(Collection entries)
+--

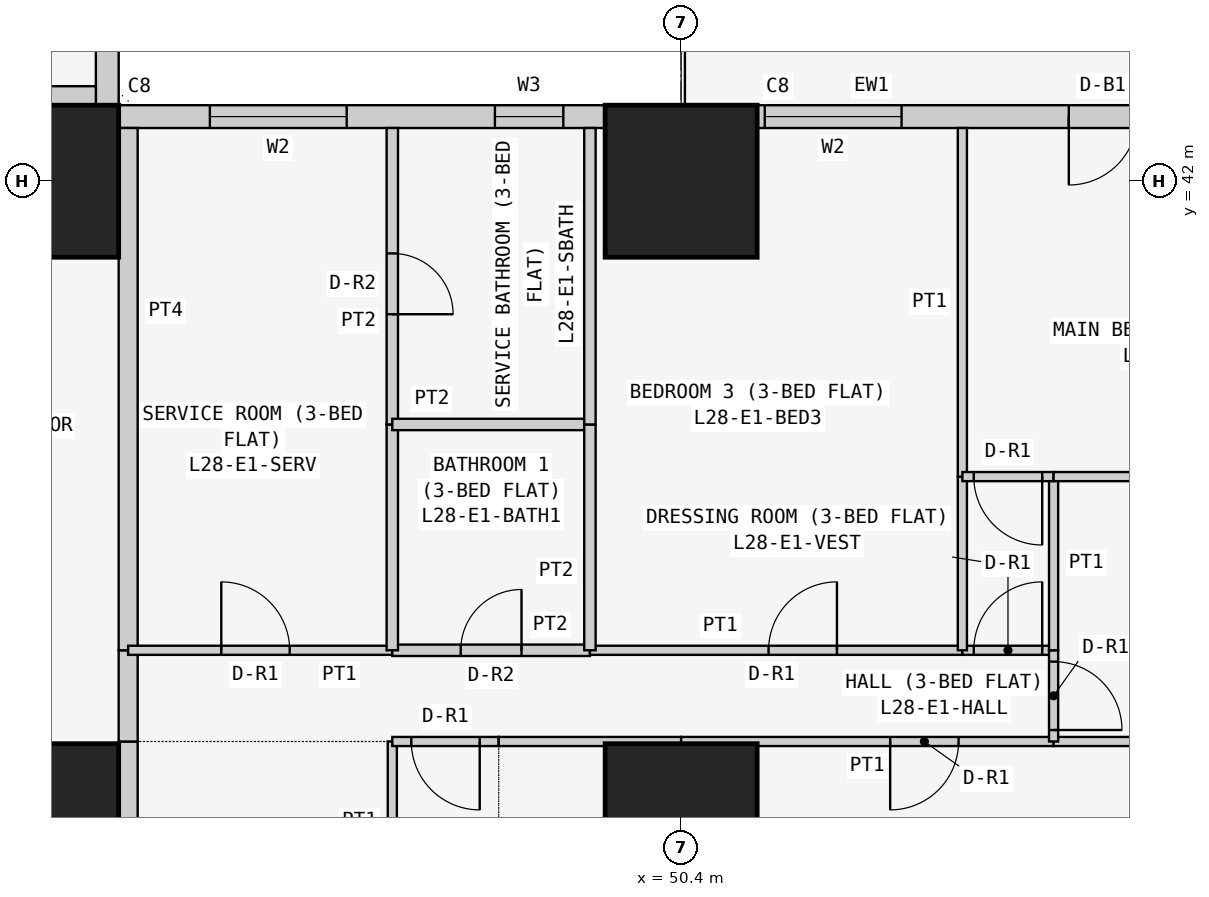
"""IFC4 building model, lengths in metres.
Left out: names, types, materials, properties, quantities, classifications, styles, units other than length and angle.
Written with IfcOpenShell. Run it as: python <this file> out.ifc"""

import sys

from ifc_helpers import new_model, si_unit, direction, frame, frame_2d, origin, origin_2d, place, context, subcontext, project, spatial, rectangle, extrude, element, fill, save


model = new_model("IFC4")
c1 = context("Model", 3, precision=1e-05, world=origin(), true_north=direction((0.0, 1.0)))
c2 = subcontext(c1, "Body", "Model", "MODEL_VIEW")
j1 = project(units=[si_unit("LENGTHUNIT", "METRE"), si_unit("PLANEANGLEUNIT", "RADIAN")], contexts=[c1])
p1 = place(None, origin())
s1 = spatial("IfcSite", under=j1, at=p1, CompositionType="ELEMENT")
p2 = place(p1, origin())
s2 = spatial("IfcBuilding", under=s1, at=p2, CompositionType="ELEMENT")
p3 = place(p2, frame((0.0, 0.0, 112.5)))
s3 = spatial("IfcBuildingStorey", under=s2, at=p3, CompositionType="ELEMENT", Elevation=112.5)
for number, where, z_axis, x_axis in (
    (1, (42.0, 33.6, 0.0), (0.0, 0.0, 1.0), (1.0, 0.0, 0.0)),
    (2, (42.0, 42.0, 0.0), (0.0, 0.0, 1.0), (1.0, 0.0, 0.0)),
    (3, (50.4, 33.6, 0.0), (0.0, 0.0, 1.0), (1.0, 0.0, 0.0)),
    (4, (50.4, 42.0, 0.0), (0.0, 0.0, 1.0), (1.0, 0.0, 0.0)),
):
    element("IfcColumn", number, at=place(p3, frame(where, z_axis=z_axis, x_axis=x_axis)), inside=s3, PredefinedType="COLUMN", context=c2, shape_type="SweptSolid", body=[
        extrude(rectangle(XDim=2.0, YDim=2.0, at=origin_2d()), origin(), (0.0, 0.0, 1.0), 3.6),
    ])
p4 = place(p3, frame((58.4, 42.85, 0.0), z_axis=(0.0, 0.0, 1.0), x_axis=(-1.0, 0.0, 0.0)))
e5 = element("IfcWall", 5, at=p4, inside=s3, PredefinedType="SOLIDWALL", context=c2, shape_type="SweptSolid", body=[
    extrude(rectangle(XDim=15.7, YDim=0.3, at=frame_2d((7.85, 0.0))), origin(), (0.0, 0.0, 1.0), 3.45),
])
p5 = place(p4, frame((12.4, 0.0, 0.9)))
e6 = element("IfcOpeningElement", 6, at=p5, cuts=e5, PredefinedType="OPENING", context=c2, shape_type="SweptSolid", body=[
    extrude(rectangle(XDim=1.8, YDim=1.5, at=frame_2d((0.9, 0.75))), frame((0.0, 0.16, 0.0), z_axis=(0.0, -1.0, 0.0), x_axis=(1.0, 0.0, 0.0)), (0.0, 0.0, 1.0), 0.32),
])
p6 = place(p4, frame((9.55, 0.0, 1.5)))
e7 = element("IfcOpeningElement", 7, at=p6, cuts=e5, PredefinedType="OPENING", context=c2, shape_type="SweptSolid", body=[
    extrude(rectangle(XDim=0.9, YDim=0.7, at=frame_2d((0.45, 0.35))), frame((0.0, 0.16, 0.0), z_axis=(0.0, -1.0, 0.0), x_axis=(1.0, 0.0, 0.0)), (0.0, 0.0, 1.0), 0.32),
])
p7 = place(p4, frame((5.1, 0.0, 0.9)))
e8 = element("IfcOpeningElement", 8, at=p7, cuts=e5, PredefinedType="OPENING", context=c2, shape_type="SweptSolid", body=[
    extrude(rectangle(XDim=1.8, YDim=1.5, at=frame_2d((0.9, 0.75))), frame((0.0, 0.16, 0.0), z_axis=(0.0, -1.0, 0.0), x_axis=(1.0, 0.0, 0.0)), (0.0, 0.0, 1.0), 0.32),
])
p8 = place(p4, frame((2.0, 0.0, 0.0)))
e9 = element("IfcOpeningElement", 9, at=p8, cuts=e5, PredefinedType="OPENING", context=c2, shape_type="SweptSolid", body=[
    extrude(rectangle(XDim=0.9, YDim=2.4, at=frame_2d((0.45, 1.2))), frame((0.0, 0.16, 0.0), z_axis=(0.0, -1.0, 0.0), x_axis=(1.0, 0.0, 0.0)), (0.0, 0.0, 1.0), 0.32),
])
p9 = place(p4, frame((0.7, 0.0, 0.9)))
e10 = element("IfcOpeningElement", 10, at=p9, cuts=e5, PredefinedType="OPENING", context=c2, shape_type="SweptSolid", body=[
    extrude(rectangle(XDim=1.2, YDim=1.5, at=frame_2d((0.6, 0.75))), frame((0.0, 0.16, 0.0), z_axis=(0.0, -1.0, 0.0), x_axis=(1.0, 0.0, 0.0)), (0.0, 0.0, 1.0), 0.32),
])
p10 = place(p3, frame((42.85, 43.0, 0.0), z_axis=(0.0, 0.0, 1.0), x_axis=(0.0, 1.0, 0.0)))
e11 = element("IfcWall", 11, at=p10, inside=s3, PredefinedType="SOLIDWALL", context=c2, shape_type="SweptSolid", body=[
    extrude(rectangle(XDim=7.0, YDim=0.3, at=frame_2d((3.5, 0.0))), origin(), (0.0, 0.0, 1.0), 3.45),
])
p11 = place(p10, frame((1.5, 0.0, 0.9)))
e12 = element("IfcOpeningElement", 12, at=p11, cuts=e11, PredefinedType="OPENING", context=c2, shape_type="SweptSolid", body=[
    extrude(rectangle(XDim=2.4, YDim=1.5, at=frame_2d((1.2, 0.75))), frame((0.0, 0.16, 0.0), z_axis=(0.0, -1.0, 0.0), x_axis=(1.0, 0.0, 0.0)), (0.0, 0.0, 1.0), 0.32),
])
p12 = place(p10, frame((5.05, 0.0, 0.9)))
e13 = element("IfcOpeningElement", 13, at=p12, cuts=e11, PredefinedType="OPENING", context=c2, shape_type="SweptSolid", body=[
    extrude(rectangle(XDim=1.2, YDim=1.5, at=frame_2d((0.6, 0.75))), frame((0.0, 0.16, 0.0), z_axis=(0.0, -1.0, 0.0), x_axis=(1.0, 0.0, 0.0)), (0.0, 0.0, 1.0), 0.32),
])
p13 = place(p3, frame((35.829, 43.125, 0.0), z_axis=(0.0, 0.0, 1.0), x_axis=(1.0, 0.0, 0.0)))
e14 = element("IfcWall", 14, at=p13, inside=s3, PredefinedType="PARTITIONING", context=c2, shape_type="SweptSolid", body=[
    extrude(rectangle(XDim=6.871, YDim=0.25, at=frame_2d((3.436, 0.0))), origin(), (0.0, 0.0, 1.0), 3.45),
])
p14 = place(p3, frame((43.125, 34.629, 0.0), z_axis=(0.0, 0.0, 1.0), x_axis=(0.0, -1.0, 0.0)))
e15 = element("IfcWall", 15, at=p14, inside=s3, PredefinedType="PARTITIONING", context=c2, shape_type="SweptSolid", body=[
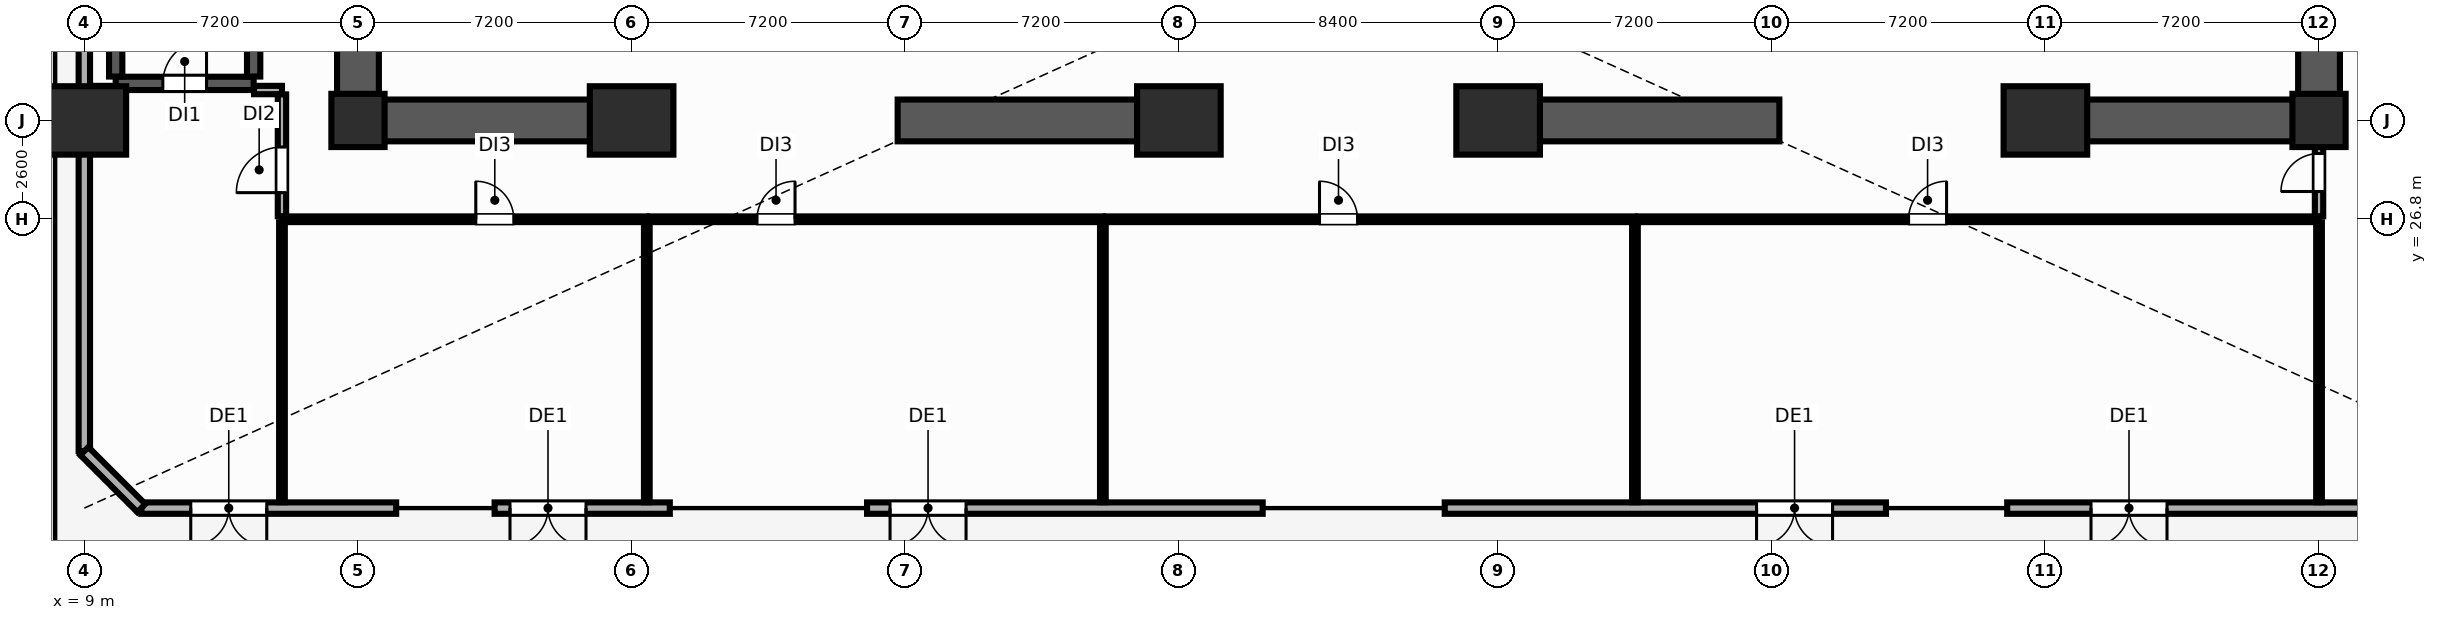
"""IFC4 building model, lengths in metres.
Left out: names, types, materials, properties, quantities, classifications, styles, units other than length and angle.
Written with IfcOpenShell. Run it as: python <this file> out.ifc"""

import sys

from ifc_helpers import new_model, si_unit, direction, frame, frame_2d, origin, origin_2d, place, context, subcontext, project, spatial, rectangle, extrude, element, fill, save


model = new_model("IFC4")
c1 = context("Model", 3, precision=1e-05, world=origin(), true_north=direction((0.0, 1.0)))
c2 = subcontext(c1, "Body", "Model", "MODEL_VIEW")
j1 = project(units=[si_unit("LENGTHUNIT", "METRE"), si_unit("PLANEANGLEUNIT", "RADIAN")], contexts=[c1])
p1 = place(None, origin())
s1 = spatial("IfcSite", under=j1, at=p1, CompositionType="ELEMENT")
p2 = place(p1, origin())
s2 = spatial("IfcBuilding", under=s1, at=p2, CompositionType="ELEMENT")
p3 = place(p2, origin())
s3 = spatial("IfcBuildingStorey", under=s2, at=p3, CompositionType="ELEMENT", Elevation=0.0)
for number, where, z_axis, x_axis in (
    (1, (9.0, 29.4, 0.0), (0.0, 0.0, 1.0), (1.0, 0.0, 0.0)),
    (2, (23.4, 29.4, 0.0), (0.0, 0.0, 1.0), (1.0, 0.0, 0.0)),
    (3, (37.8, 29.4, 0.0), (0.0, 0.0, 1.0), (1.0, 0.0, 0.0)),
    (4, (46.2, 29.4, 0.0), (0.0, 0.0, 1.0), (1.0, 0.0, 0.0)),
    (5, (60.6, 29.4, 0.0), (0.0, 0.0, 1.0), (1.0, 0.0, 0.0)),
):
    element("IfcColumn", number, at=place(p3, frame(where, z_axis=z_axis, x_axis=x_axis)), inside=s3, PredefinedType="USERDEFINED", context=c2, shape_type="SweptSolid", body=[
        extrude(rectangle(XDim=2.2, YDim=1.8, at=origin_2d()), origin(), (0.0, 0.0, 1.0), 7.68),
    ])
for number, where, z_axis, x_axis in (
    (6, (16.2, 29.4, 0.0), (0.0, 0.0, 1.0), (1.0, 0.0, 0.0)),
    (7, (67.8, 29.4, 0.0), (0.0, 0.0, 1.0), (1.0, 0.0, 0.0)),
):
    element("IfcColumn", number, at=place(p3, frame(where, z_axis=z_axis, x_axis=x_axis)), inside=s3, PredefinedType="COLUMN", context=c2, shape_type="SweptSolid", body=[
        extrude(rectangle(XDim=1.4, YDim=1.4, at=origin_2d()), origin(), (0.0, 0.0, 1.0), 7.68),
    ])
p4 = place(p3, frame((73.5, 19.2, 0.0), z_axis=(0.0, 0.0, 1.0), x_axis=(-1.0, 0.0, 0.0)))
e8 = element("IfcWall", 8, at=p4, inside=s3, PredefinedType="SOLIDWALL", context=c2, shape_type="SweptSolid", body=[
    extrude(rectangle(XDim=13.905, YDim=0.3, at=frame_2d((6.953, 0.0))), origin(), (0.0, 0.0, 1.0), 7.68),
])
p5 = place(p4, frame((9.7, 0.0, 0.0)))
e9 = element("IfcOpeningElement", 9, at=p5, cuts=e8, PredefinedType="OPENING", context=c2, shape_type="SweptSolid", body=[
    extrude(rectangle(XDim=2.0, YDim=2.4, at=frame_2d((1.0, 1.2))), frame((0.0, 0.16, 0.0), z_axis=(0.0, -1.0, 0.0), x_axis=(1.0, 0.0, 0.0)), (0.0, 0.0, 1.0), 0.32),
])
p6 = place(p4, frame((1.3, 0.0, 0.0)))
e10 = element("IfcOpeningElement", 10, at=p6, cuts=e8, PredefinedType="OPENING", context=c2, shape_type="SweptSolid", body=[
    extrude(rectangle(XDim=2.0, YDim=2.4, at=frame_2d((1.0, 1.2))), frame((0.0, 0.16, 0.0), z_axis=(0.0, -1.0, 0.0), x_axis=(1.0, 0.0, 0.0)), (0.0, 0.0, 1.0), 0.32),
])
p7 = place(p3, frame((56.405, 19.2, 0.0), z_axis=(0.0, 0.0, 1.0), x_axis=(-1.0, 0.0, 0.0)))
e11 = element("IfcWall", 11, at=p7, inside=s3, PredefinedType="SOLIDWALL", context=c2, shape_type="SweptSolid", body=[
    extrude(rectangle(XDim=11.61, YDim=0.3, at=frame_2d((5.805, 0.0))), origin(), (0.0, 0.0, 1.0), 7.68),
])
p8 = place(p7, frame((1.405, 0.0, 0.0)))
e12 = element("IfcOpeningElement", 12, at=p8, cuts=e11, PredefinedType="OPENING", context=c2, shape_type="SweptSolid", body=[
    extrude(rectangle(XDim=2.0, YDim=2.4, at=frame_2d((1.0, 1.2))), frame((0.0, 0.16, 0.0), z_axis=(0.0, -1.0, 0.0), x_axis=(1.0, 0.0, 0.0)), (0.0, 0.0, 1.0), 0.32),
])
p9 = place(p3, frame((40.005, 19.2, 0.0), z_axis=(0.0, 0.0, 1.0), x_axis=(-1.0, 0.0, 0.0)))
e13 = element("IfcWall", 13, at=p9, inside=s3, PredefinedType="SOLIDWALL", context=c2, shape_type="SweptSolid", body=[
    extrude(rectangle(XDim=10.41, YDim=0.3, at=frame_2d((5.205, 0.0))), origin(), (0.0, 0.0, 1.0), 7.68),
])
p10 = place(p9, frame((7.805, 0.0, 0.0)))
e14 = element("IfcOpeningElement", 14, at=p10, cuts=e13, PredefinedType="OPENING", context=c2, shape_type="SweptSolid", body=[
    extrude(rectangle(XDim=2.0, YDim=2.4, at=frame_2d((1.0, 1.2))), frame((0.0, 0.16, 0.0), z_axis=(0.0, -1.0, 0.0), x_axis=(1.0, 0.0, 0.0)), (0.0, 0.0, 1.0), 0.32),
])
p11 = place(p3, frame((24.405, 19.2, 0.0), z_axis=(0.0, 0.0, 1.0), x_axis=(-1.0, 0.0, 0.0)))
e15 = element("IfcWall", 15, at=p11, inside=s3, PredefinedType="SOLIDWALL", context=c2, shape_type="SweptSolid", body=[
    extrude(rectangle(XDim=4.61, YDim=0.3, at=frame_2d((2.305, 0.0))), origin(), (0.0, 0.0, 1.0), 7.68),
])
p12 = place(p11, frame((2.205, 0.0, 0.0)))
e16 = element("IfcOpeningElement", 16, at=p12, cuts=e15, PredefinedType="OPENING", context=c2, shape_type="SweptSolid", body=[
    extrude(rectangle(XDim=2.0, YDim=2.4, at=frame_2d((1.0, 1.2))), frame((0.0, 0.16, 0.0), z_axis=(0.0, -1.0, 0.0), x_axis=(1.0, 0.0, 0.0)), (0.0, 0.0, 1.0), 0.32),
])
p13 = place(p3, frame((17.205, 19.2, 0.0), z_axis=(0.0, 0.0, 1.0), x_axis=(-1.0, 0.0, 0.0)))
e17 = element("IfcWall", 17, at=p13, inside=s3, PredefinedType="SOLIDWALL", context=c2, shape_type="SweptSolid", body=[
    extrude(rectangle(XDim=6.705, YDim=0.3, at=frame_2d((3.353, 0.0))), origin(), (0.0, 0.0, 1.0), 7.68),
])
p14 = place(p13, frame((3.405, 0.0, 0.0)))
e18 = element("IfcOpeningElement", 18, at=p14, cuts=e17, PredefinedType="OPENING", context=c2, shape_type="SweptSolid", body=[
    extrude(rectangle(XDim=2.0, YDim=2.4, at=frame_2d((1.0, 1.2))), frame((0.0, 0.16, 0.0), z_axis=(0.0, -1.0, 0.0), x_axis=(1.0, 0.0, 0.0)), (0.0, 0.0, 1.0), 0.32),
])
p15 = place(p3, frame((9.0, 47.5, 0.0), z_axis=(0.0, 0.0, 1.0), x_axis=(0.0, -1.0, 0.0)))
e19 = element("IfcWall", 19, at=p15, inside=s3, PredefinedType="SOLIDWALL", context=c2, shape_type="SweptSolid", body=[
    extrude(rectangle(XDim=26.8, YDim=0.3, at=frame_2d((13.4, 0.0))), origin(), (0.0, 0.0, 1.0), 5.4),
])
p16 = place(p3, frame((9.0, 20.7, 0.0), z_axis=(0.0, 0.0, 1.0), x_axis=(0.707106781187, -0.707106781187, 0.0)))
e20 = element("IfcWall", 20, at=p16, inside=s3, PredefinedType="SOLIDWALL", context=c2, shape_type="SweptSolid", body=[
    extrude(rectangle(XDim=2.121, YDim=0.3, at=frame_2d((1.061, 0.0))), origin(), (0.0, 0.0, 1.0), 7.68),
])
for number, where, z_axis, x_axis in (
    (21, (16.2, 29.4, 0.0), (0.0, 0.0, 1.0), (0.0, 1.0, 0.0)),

+--

- Assignment: Your answer must consist solely of the lines above between the line holding "p8 = place(p4, frame((2.0, 0.0, 0.0)))" and the line holding "p11 = place(p10, frame((1.5, 0.0, 0.9)))", inclusive, copied exactly.

- Task output:
p8 = place(p4, frame((2.0, 0.0, 0.0)))
e9 = element("IfcOpeningElement", 9, at=p8, cuts=e5, PredefinedType="OPENING", context=c2, shape_type="SweptSolid", body=[
    extrude(rectangle(XDim=0.9, YDim=2.4, at=frame_2d((0.45, 1.2))), frame((0.0, 0.16, 0.0), z_axis=(0.0, -1.0, 0.0), x_axis=(1.0, 0.0, 0.0)), (0.0, 0.0, 1.0), 0.32),
])
p9 = place(p4, frame((0.7, 0.0, 0.9)))
e10 = element("IfcOpeningElement", 10, at=p9, cuts=e5, PredefinedType="OPENING", context=c2, shape_type="SweptSolid", body=[
    extrude(rectangle(XDim=1.2, YDim=1.5, at=frame_2d((0.6, 0.75))), frame((0.0, 0.16, 0.0), z_axis=(0.0, -1.0, 0.0), x_axis=(1.0, 0.0, 0.0)), (0.0, 0.0, 1.0), 0.32),
])
p10 = place(p3, frame((42.85, 43.0, 0.0), z_axis=(0.0, 0.0, 1.0), x_axis=(0.0, 1.0, 0.0)))
e11 = element("IfcWall", 11, at=p10, inside=s3, PredefinedType="SOLIDWALL", context=c2, shape_type="SweptSolid", body=[
    extrude(rectangle(XDim=7.0, YDim=0.3, at=frame_2d((3.5, 0.0))), origin(), (0.0, 0.0, 1.0), 3.45),
])
p11 = place(p10, frame((1.5, 0.0, 0.9)))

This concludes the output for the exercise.